Copy each line from the listing below where the word "direction" shows up.

DATA EXCERPTS START

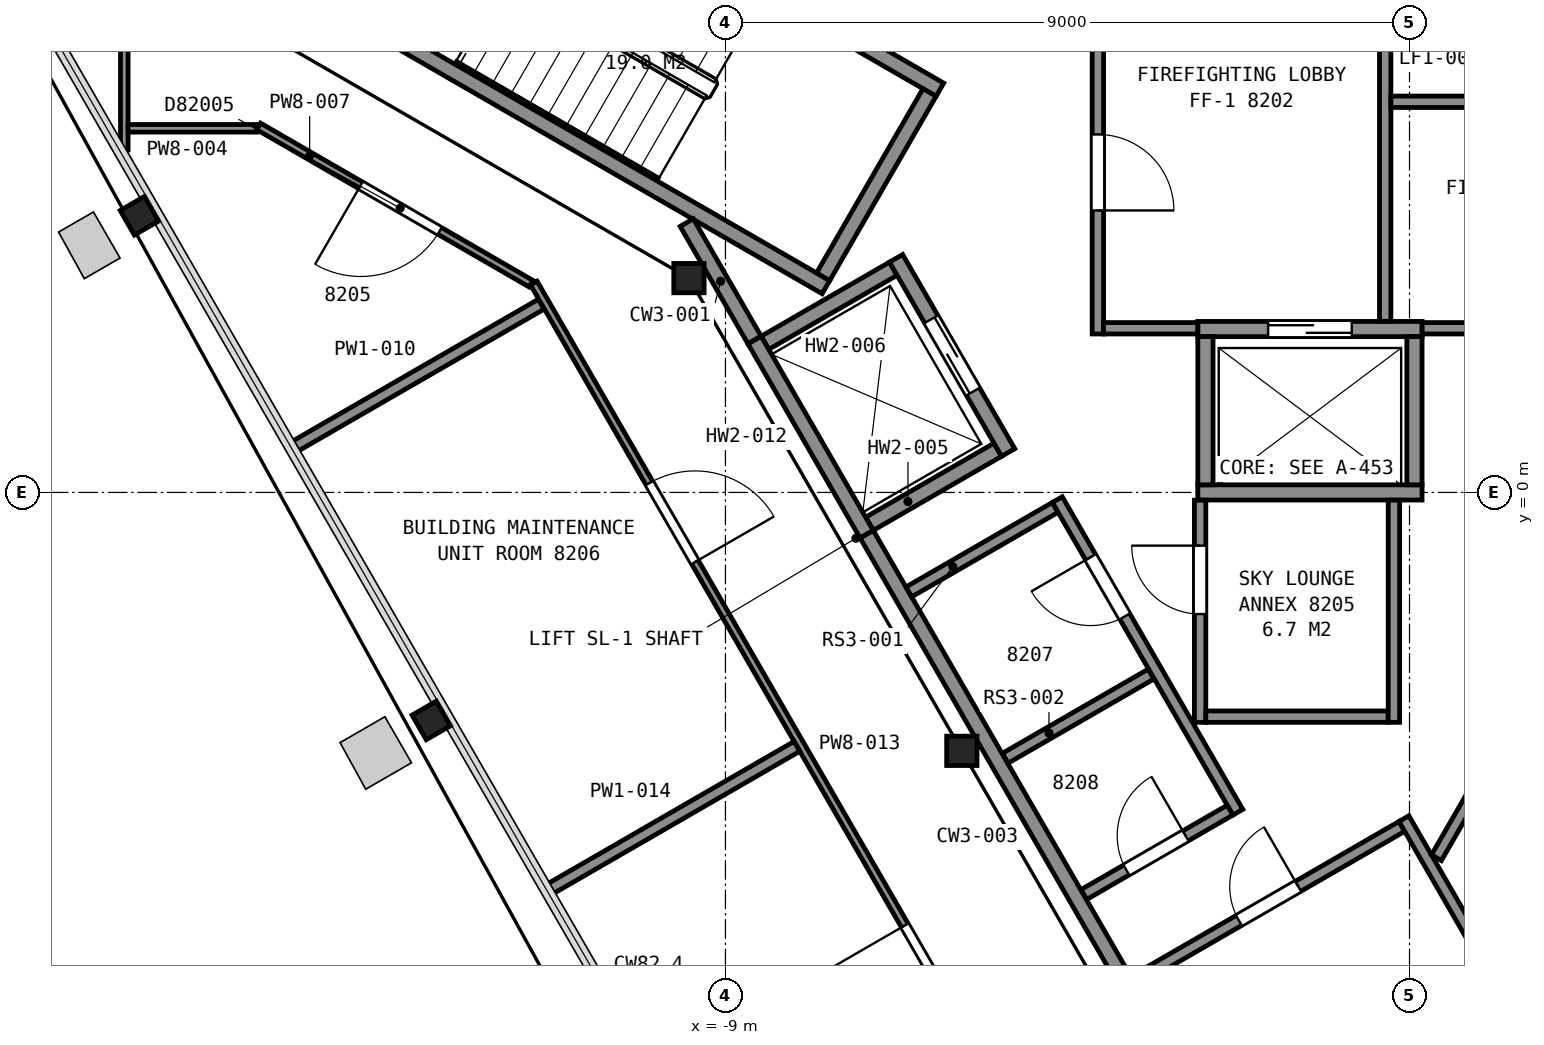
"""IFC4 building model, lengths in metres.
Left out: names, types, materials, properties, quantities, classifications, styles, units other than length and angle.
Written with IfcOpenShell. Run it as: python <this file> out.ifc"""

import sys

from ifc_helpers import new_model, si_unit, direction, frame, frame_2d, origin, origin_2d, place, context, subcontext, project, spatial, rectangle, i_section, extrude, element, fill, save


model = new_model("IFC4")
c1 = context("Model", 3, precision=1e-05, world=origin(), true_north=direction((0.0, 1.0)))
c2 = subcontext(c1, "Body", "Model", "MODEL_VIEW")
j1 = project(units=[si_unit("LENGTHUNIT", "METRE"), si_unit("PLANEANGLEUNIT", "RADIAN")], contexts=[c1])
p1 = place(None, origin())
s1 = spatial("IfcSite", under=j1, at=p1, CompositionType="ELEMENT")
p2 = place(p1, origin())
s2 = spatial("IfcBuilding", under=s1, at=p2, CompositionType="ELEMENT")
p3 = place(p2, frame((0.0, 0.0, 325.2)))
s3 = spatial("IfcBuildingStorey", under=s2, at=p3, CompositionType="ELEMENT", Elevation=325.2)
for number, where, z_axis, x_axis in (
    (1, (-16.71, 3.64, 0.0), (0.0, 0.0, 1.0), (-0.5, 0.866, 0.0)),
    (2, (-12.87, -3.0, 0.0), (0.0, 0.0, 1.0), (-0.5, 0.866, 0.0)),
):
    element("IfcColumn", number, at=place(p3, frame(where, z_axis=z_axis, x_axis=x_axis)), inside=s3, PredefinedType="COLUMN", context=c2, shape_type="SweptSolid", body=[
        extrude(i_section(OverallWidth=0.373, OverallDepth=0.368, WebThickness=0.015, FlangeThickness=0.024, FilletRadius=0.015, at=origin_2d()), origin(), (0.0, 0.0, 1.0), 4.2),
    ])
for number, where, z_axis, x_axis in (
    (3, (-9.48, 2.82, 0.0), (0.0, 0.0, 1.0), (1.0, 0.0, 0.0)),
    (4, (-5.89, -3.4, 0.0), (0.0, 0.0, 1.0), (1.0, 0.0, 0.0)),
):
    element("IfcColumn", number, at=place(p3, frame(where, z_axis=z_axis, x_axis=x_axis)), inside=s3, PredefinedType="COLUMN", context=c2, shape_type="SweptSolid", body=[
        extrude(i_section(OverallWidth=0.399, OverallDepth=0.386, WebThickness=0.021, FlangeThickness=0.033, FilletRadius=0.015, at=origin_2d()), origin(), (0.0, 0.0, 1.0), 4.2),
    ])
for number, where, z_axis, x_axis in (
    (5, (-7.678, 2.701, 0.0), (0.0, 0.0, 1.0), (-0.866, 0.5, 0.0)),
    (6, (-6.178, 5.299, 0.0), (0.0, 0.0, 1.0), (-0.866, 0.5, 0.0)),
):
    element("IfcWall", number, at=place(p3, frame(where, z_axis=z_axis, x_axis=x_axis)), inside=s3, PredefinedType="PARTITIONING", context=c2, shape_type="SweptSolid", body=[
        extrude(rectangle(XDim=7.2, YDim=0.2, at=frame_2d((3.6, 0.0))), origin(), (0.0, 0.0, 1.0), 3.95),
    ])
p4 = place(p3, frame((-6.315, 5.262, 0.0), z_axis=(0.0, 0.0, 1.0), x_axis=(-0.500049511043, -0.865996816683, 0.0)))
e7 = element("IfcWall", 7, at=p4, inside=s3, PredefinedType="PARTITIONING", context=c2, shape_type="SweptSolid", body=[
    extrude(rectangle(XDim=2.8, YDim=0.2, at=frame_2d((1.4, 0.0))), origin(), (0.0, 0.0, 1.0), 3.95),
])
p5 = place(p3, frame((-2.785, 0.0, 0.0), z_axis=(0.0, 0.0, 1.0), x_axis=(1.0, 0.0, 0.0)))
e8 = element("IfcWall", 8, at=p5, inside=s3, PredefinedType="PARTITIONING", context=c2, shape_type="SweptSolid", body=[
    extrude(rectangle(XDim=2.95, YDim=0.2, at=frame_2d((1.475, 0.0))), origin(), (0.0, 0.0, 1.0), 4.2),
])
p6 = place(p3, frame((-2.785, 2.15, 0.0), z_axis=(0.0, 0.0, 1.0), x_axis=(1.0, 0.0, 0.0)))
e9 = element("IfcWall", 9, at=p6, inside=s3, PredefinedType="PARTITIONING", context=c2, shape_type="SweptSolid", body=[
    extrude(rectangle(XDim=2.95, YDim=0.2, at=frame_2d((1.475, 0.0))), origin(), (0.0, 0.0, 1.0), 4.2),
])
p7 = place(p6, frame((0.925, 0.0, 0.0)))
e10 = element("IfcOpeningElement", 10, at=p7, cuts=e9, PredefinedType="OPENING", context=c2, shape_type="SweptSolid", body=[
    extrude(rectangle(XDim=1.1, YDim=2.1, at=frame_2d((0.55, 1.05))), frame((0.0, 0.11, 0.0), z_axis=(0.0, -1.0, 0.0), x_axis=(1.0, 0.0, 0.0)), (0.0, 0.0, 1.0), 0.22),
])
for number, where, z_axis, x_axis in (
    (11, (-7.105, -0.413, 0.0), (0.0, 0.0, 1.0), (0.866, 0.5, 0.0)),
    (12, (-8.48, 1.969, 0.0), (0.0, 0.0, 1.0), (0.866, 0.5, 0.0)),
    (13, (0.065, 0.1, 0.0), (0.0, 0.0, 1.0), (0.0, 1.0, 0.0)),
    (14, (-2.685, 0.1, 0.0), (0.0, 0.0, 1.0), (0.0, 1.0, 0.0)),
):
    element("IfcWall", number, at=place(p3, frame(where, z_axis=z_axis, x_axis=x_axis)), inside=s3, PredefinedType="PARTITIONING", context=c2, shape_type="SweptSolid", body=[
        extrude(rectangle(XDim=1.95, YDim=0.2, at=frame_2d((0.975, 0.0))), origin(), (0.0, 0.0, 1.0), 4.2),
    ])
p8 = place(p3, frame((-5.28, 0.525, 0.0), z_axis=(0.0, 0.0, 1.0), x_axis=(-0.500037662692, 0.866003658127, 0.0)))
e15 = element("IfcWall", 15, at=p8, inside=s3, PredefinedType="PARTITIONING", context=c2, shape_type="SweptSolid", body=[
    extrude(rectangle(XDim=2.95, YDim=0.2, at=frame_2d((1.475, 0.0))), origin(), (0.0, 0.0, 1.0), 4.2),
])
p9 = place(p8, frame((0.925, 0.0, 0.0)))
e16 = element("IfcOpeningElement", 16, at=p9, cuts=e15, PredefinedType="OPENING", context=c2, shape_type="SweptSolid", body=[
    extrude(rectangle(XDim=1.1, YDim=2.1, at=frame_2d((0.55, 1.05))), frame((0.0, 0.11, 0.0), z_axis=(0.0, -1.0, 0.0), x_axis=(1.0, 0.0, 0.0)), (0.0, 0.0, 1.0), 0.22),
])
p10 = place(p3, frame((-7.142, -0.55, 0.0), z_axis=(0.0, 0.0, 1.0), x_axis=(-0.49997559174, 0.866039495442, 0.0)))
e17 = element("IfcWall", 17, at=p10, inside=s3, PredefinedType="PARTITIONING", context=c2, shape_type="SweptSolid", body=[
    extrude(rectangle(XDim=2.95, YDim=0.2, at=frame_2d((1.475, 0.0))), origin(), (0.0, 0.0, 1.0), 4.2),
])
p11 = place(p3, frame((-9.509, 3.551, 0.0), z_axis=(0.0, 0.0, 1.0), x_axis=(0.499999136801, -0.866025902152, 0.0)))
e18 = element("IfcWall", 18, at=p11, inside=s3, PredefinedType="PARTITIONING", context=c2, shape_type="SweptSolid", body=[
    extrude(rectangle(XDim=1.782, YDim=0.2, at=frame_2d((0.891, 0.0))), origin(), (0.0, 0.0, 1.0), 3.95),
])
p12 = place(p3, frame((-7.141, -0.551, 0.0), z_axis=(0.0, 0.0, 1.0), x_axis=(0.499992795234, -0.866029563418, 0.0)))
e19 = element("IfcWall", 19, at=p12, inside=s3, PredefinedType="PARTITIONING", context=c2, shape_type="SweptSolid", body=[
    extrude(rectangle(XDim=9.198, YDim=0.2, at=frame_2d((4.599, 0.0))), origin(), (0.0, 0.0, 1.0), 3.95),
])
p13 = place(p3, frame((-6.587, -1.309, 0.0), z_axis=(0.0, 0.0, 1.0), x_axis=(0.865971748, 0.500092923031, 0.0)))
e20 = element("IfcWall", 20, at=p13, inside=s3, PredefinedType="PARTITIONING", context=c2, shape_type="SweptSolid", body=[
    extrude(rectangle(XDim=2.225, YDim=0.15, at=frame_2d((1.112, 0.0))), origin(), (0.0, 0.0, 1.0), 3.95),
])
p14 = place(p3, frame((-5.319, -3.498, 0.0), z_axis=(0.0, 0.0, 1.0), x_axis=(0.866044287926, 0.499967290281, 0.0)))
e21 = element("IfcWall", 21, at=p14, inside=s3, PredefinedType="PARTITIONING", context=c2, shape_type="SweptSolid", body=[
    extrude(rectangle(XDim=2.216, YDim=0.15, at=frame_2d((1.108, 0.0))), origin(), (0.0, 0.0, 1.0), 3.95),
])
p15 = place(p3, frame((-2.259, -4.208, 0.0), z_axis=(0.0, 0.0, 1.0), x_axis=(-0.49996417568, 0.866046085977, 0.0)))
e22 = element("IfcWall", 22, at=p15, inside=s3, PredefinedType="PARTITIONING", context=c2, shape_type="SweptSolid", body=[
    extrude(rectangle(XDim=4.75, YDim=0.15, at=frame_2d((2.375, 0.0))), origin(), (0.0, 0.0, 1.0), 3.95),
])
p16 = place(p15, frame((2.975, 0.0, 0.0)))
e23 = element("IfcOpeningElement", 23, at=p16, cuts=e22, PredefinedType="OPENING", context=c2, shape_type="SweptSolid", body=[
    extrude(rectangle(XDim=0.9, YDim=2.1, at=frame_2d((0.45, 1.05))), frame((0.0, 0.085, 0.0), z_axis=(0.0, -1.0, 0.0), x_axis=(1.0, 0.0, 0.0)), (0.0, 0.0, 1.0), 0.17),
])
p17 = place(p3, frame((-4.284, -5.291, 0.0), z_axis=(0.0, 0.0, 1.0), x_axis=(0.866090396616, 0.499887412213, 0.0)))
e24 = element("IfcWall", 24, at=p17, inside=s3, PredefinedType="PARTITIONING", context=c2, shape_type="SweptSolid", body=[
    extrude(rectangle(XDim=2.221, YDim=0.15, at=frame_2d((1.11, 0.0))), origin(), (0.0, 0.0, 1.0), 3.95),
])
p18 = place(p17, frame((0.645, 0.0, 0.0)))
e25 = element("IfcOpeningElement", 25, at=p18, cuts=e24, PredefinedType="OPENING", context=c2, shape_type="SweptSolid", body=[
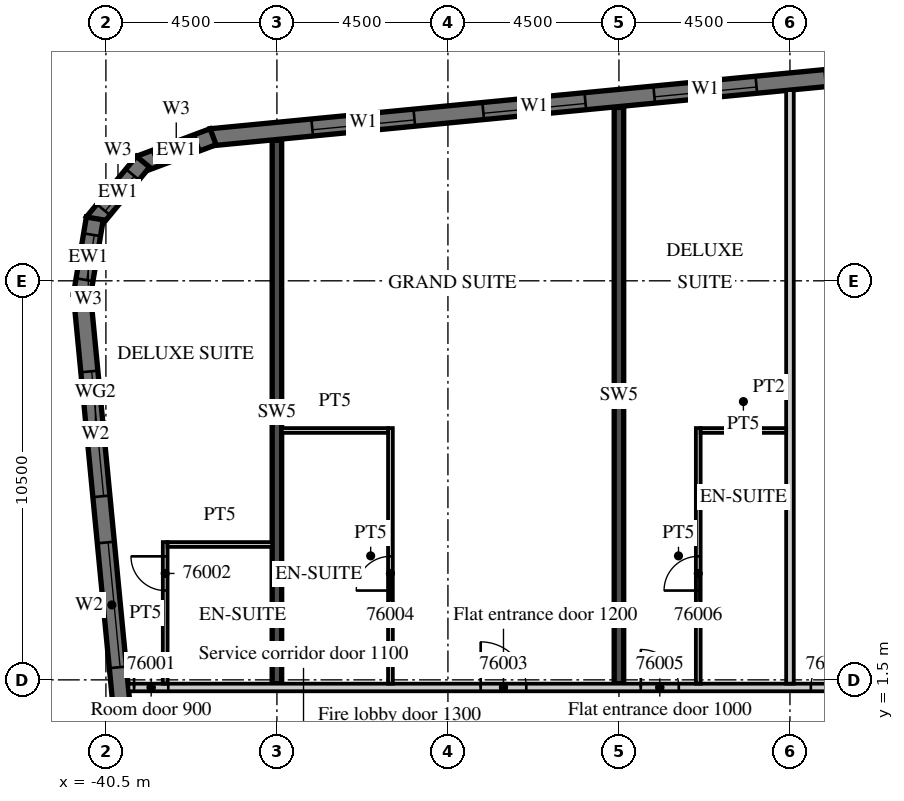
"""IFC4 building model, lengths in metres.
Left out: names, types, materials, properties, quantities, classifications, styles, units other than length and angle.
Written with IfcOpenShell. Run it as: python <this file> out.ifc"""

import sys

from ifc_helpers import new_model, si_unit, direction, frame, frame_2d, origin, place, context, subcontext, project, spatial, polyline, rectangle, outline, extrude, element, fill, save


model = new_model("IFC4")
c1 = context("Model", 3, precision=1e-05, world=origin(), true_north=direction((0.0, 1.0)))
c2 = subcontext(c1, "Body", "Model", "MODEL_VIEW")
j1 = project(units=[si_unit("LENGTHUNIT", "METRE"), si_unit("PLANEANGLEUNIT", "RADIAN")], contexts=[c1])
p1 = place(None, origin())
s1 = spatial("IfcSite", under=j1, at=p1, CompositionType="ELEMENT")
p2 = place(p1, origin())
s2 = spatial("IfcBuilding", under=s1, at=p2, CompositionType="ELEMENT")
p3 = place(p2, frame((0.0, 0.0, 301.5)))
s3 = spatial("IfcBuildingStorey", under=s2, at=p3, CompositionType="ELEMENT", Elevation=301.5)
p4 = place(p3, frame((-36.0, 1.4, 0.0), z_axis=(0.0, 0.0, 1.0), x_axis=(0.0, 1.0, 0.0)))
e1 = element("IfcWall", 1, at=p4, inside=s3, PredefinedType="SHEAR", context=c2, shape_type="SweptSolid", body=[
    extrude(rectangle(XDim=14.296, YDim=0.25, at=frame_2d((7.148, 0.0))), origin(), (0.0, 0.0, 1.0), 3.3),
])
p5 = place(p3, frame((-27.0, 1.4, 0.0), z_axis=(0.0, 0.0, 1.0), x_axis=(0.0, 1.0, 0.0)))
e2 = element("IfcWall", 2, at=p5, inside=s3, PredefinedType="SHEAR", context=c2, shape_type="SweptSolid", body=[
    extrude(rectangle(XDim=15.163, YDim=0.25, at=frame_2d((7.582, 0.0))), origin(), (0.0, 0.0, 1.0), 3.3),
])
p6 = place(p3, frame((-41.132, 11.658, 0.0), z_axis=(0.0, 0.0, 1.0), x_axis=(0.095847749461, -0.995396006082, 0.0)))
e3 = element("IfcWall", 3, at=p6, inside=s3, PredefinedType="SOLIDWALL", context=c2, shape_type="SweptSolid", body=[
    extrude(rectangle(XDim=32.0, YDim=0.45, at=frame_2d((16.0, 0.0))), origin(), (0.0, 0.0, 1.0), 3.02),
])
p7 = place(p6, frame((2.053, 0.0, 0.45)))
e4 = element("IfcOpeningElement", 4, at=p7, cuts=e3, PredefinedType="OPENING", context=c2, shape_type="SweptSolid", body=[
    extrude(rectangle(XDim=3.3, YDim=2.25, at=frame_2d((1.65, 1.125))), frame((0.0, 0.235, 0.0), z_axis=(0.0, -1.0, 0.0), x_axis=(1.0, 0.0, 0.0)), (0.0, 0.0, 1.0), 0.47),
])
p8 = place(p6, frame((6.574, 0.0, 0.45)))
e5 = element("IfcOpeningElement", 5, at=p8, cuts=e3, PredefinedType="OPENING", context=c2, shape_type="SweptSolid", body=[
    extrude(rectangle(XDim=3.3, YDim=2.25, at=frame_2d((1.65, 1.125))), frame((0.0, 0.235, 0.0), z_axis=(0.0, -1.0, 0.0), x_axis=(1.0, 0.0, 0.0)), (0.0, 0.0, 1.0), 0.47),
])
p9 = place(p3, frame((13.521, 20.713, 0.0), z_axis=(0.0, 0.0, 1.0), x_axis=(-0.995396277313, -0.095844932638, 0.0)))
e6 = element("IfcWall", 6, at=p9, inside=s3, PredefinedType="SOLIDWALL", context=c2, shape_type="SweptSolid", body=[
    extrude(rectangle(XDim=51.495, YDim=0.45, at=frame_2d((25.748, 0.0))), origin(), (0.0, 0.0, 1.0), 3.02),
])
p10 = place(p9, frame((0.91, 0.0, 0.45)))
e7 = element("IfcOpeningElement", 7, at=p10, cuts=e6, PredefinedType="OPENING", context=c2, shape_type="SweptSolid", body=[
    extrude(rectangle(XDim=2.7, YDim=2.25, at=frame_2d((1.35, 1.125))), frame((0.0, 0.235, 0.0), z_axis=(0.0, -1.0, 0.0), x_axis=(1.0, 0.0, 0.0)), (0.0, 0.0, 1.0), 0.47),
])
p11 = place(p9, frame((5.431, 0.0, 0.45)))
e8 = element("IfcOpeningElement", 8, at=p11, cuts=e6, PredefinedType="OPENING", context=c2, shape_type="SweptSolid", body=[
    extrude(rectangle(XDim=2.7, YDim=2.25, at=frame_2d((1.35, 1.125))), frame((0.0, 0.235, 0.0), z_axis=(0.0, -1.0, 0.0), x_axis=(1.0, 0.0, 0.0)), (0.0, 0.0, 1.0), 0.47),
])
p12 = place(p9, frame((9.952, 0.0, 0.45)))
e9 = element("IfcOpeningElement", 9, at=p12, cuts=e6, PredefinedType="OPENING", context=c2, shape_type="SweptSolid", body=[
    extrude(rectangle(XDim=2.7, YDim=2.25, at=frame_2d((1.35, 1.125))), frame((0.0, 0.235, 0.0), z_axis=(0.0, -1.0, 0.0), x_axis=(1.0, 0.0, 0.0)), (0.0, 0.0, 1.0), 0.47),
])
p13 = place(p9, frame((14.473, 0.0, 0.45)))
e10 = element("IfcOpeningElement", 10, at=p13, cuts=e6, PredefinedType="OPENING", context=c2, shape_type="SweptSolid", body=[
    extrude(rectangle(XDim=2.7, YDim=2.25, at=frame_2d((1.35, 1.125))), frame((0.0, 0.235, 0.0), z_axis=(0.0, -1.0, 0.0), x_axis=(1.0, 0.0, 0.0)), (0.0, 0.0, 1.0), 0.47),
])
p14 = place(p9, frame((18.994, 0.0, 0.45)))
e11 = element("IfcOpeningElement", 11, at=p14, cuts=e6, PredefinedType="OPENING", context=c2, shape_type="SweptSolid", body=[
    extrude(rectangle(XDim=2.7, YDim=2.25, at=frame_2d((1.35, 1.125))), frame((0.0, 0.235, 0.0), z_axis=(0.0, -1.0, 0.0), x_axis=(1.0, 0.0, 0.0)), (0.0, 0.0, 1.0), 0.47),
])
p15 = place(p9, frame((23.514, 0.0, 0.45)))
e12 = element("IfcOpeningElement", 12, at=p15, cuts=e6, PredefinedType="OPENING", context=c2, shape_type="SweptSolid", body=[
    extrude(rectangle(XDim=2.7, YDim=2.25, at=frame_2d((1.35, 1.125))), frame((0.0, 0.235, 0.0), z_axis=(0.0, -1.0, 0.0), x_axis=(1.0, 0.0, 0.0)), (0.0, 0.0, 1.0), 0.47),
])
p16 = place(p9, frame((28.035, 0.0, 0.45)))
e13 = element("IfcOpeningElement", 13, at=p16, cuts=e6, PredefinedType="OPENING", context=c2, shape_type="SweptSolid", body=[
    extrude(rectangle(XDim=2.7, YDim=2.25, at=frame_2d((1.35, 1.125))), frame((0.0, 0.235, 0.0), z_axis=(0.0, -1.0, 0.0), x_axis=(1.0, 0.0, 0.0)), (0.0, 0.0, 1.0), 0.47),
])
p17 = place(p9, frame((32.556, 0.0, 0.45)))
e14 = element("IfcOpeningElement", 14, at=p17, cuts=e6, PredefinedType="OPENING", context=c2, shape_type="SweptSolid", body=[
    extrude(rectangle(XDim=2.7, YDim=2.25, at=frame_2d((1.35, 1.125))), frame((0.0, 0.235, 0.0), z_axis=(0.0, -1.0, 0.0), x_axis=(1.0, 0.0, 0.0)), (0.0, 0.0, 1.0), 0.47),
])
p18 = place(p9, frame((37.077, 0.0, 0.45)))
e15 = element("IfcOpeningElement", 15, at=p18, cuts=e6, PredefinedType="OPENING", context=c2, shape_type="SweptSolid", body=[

DATA EXCERPTS END

**EXERCISE OUTPUT:**
from ifc_helpers import new_model, si_unit, direction, frame, frame_2d, origin, origin_2d, place, context, subcontext, project, spatial, rectangle, i_section, extrude, element, fill, save
c1 = context("Model", 3, precision=1e-05, world=origin(), true_north=direction((0.0, 1.0)))
from ifc_helpers import new_model, si_unit, direction, frame, frame_2d, origin, place, context, subcontext, project, spatial, polyline, rectangle, outline, extrude, element, fill, save
c1 = context("Model", 3, precision=1e-05, world=origin(), true_north=direction((0.0, 1.0)))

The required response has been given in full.